EXERCISE PROMPT.
Report back every line below that carries the word "ezdxf".

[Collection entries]
= = = = = = =
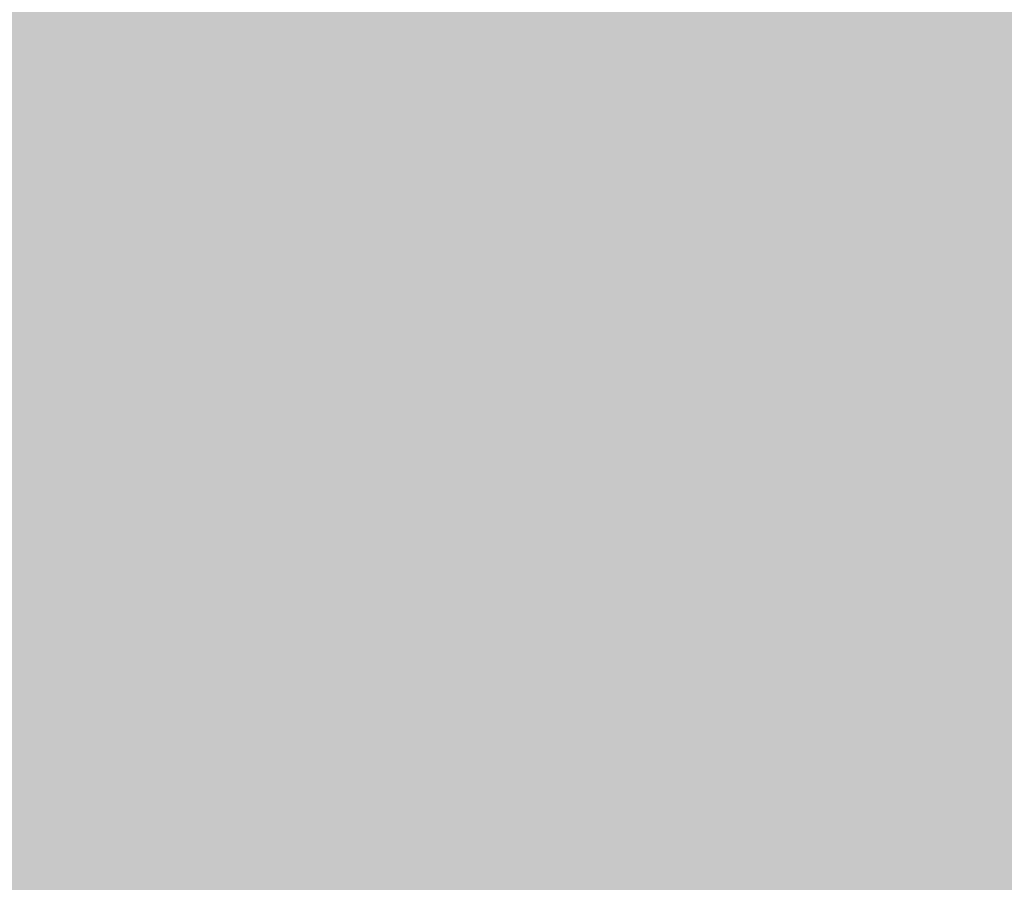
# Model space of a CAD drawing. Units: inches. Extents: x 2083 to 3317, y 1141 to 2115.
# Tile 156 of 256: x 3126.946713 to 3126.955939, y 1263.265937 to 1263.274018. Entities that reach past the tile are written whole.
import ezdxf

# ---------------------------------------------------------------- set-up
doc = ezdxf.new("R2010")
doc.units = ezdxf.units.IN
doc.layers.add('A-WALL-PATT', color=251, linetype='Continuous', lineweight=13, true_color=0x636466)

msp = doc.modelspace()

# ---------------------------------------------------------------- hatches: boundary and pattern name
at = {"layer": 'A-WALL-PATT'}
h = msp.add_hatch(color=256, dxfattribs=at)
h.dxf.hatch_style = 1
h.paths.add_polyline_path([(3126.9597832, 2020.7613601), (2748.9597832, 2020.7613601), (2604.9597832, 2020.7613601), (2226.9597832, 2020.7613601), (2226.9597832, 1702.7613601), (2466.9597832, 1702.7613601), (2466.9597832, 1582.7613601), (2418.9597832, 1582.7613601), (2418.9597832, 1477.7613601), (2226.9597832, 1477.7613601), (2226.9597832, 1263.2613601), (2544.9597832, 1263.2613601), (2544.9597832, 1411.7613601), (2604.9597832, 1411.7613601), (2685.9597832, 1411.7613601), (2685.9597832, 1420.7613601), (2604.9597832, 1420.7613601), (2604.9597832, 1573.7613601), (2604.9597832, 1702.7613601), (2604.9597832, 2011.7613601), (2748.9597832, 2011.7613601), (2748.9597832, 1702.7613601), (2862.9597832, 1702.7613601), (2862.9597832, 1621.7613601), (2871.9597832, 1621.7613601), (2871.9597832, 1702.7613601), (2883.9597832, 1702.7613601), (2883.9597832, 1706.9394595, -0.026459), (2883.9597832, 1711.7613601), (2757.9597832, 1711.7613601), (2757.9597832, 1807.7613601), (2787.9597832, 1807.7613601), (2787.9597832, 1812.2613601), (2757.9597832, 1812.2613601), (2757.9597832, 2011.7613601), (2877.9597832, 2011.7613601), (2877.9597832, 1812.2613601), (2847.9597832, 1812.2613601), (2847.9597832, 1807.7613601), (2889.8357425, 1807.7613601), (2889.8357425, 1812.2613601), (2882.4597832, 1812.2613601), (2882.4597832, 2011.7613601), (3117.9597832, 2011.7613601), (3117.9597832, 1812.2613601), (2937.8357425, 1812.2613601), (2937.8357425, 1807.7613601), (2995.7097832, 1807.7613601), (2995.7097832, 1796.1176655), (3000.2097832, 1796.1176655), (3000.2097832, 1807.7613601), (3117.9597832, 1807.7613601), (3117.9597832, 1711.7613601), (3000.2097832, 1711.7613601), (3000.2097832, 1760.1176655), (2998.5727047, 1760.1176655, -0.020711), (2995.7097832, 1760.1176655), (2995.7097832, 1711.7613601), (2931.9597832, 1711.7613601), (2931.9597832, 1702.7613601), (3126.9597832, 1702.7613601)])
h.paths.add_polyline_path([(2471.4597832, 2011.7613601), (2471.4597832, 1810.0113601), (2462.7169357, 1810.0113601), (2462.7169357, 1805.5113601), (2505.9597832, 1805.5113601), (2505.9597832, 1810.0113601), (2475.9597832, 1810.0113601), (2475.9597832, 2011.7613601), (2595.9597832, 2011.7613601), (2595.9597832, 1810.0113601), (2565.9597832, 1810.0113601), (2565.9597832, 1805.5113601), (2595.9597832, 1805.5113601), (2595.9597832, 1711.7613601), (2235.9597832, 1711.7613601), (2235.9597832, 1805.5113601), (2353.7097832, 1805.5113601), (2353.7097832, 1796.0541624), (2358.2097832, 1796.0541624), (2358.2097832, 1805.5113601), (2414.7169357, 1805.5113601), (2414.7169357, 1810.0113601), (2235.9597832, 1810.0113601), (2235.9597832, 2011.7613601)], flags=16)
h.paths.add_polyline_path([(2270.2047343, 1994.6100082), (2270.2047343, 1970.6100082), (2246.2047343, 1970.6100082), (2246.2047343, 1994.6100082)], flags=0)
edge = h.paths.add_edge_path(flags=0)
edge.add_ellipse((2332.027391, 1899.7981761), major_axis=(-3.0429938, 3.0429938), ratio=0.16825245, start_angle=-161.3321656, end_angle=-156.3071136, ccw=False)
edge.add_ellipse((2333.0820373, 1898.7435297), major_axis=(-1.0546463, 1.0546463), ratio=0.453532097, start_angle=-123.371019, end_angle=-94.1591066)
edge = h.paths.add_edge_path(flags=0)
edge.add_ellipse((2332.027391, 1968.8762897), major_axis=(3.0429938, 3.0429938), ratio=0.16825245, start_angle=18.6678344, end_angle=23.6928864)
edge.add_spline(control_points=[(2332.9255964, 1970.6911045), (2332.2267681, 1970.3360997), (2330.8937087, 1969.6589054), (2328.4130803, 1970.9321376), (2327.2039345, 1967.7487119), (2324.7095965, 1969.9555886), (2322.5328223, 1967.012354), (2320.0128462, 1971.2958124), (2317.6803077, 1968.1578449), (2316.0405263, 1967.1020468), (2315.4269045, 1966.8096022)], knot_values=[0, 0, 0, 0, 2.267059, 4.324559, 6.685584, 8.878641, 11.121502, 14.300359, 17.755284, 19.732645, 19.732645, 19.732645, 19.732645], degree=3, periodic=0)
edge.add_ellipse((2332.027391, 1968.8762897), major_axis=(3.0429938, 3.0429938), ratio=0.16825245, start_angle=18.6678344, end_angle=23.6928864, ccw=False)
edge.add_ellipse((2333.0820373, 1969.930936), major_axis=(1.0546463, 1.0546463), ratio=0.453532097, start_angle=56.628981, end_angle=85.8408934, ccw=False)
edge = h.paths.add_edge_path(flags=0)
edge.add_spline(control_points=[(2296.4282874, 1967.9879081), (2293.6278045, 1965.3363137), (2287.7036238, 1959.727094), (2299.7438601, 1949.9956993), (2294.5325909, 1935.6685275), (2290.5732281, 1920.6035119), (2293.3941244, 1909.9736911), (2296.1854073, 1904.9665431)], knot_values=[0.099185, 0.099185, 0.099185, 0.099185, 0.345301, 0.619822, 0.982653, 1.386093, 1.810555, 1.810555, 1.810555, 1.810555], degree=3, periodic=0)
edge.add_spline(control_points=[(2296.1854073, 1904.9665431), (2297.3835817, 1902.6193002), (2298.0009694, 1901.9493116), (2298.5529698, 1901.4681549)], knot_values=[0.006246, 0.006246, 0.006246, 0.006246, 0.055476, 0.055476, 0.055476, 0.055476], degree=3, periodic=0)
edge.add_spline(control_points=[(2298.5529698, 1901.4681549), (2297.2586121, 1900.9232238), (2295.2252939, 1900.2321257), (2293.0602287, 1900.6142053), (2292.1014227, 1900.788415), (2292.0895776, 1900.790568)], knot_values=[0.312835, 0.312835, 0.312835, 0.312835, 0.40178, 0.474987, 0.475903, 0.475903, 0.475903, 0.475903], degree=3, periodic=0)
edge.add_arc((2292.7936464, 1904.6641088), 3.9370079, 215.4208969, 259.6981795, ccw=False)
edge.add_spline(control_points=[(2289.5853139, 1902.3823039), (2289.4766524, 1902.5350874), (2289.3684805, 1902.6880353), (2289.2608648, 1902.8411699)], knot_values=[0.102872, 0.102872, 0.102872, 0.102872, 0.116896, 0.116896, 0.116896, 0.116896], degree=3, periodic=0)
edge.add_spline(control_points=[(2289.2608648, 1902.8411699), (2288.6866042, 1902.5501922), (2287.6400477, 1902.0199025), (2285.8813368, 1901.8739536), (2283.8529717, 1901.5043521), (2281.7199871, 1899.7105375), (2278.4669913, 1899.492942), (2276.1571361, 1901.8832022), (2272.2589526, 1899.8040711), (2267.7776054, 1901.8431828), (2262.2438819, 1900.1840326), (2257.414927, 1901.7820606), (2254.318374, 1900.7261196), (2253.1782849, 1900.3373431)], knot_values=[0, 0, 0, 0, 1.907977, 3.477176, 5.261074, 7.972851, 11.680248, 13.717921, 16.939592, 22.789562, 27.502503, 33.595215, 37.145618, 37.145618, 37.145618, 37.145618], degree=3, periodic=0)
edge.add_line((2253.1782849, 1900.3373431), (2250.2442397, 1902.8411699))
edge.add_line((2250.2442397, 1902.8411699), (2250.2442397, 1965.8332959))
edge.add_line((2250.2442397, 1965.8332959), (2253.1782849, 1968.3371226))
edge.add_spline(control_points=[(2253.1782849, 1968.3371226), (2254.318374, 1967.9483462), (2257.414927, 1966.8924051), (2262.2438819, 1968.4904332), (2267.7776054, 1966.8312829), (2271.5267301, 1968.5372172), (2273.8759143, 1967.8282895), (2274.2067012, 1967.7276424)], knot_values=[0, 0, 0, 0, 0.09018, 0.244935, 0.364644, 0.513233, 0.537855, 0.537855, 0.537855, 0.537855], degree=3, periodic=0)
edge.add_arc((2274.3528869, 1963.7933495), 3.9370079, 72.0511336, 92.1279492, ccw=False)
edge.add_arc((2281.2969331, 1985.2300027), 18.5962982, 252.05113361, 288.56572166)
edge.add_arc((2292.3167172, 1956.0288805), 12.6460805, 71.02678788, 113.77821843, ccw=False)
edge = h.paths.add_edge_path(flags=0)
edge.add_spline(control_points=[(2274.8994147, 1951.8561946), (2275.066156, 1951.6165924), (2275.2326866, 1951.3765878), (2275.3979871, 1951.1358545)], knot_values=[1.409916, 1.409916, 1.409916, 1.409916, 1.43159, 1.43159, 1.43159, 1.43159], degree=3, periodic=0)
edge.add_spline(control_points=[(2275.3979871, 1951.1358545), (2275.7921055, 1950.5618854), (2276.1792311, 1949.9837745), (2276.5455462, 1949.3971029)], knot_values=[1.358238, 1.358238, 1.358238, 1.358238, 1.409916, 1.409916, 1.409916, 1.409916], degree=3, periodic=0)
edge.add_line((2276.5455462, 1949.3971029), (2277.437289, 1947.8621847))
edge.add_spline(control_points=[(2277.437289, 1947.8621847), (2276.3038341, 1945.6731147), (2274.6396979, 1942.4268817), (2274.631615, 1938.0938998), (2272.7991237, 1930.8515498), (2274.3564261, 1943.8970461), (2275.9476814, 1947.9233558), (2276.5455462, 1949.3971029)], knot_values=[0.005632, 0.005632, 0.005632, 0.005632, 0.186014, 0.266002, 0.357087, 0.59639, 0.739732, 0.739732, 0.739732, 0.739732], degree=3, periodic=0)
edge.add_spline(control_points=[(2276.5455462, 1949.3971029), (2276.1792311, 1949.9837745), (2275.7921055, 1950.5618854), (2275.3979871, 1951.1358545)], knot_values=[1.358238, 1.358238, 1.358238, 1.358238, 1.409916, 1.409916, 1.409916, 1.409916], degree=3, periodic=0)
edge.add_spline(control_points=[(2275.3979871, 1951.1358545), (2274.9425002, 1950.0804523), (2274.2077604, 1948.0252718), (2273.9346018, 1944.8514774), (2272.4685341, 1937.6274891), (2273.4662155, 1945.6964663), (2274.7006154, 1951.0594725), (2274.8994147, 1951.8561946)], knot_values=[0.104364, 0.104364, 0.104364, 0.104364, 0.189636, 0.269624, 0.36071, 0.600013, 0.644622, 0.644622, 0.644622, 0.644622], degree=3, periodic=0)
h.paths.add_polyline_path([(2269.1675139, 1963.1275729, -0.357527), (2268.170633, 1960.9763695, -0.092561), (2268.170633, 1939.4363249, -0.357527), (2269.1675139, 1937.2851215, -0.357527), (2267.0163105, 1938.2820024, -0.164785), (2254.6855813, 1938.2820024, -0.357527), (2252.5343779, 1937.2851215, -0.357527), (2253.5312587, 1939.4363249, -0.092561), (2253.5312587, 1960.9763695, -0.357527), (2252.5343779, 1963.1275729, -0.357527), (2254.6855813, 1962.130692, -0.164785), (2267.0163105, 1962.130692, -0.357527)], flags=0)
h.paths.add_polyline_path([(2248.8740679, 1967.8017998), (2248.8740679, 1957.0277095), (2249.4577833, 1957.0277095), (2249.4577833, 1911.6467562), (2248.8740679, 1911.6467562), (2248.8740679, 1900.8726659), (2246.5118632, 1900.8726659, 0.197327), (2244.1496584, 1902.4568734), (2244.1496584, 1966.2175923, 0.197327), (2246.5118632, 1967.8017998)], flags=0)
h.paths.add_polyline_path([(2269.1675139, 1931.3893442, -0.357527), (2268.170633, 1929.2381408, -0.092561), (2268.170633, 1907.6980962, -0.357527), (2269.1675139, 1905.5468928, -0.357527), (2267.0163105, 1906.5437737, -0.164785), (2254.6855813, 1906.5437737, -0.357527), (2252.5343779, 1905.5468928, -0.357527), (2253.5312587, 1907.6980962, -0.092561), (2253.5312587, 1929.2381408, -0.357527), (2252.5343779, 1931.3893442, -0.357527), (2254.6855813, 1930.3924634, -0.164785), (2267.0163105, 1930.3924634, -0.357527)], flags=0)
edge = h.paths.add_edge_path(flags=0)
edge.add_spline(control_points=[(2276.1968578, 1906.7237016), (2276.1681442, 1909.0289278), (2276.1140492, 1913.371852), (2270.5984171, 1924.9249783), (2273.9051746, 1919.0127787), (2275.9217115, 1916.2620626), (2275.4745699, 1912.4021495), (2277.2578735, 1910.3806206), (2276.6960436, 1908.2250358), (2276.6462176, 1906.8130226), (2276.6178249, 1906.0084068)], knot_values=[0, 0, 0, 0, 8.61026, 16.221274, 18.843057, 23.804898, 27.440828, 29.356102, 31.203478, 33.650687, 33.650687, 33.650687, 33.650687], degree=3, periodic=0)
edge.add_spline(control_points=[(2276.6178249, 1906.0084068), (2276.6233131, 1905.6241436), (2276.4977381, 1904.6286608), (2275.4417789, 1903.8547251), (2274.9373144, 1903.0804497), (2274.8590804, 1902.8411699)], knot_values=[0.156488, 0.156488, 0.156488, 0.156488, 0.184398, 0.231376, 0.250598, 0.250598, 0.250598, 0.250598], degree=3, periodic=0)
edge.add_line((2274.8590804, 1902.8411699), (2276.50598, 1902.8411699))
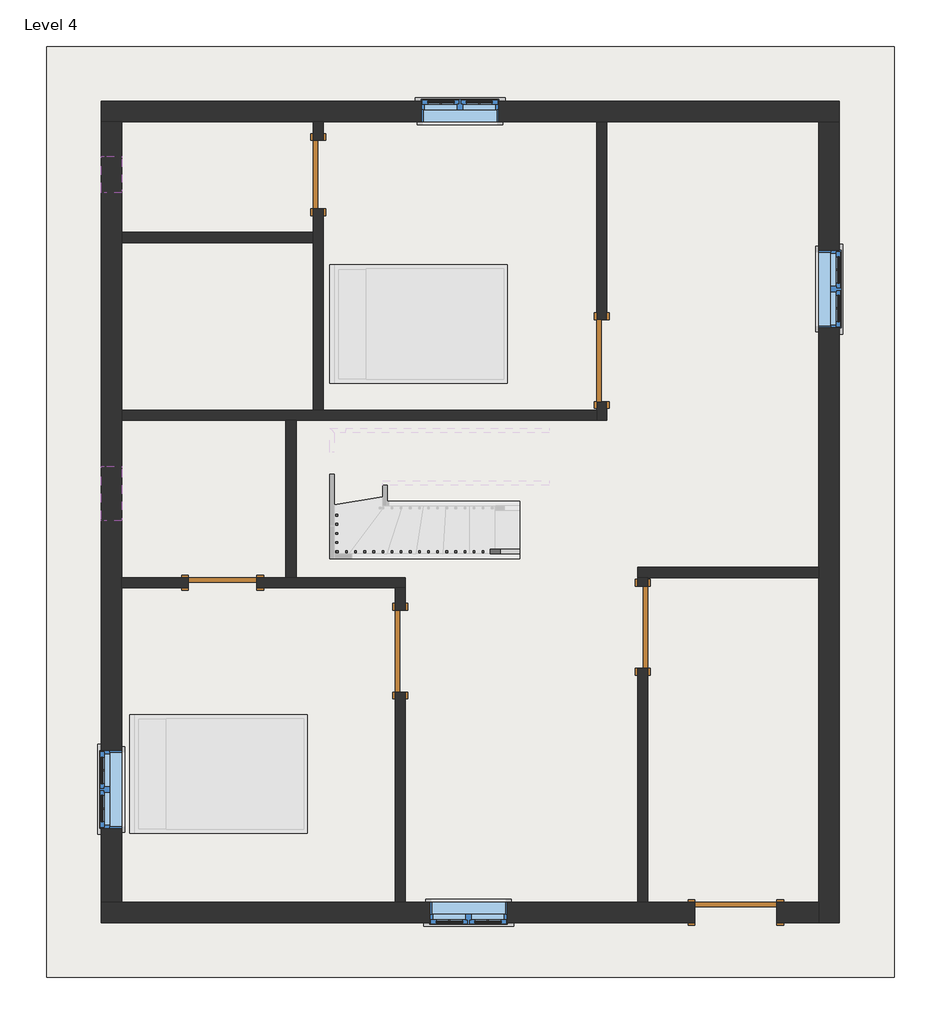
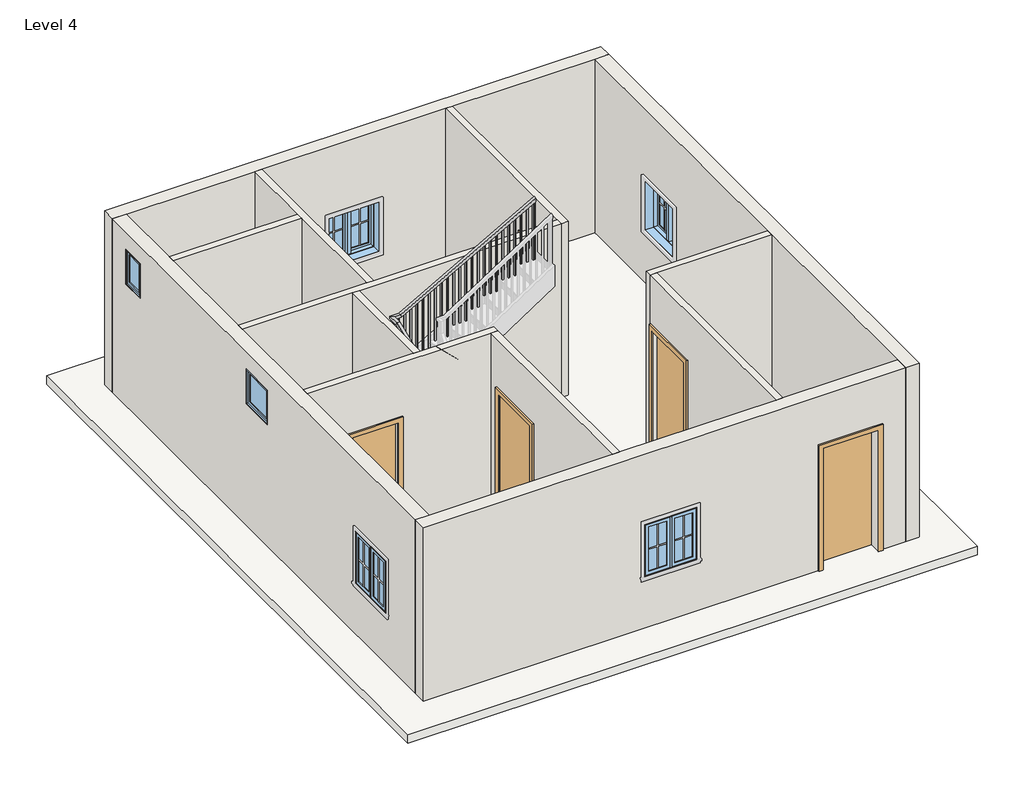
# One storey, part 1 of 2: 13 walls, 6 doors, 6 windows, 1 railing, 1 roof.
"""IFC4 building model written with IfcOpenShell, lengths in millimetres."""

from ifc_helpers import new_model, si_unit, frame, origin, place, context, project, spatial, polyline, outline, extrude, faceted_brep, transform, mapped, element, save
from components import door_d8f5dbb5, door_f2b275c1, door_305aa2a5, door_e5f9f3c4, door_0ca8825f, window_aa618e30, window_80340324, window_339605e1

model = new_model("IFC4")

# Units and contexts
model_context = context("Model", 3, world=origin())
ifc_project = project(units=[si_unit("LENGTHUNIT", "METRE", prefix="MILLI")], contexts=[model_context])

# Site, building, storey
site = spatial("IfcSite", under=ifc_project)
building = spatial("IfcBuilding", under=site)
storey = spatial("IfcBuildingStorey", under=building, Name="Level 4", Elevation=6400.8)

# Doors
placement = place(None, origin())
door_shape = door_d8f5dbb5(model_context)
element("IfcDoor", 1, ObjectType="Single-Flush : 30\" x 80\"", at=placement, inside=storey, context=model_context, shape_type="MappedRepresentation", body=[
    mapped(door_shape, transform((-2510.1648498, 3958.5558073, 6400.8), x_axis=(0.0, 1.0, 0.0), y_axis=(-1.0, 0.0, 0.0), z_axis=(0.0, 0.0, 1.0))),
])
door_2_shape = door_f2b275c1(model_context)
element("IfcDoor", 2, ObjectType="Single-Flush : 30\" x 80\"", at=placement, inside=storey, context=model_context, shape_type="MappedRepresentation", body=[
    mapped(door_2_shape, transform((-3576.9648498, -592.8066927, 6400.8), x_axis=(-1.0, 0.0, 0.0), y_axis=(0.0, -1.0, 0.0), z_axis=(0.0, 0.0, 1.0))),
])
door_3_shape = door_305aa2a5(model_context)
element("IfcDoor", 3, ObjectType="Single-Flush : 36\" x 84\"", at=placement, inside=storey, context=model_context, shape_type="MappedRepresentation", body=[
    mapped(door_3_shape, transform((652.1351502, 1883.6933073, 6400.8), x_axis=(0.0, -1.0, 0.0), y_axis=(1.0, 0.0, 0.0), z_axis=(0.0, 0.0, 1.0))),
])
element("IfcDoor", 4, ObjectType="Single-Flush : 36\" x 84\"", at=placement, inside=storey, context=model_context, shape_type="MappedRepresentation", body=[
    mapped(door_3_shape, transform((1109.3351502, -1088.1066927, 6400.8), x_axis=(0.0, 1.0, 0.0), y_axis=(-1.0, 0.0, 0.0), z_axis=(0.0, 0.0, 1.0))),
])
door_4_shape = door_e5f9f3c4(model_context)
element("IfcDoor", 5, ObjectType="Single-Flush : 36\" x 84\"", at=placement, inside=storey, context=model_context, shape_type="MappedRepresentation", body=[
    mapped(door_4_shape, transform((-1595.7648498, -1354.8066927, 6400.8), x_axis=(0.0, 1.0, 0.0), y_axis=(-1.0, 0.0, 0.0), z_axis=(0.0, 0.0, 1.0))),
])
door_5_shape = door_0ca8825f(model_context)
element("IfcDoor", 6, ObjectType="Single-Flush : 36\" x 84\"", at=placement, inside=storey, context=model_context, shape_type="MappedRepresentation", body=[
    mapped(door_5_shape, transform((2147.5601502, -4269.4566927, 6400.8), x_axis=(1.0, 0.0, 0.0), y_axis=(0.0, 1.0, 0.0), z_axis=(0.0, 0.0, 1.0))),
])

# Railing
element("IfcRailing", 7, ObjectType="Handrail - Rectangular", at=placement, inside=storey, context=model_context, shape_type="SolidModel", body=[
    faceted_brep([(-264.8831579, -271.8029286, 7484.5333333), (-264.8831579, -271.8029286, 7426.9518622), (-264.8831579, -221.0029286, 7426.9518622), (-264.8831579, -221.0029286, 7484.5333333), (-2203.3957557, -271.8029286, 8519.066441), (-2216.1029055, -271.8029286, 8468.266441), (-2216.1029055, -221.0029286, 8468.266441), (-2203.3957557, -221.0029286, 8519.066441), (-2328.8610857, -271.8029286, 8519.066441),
= = = = = = =
RESULT OF THIS EXERCISE.
import ezdxf
doc = ezdxf.new("R2010")
doc.units = ezdxf.units.IN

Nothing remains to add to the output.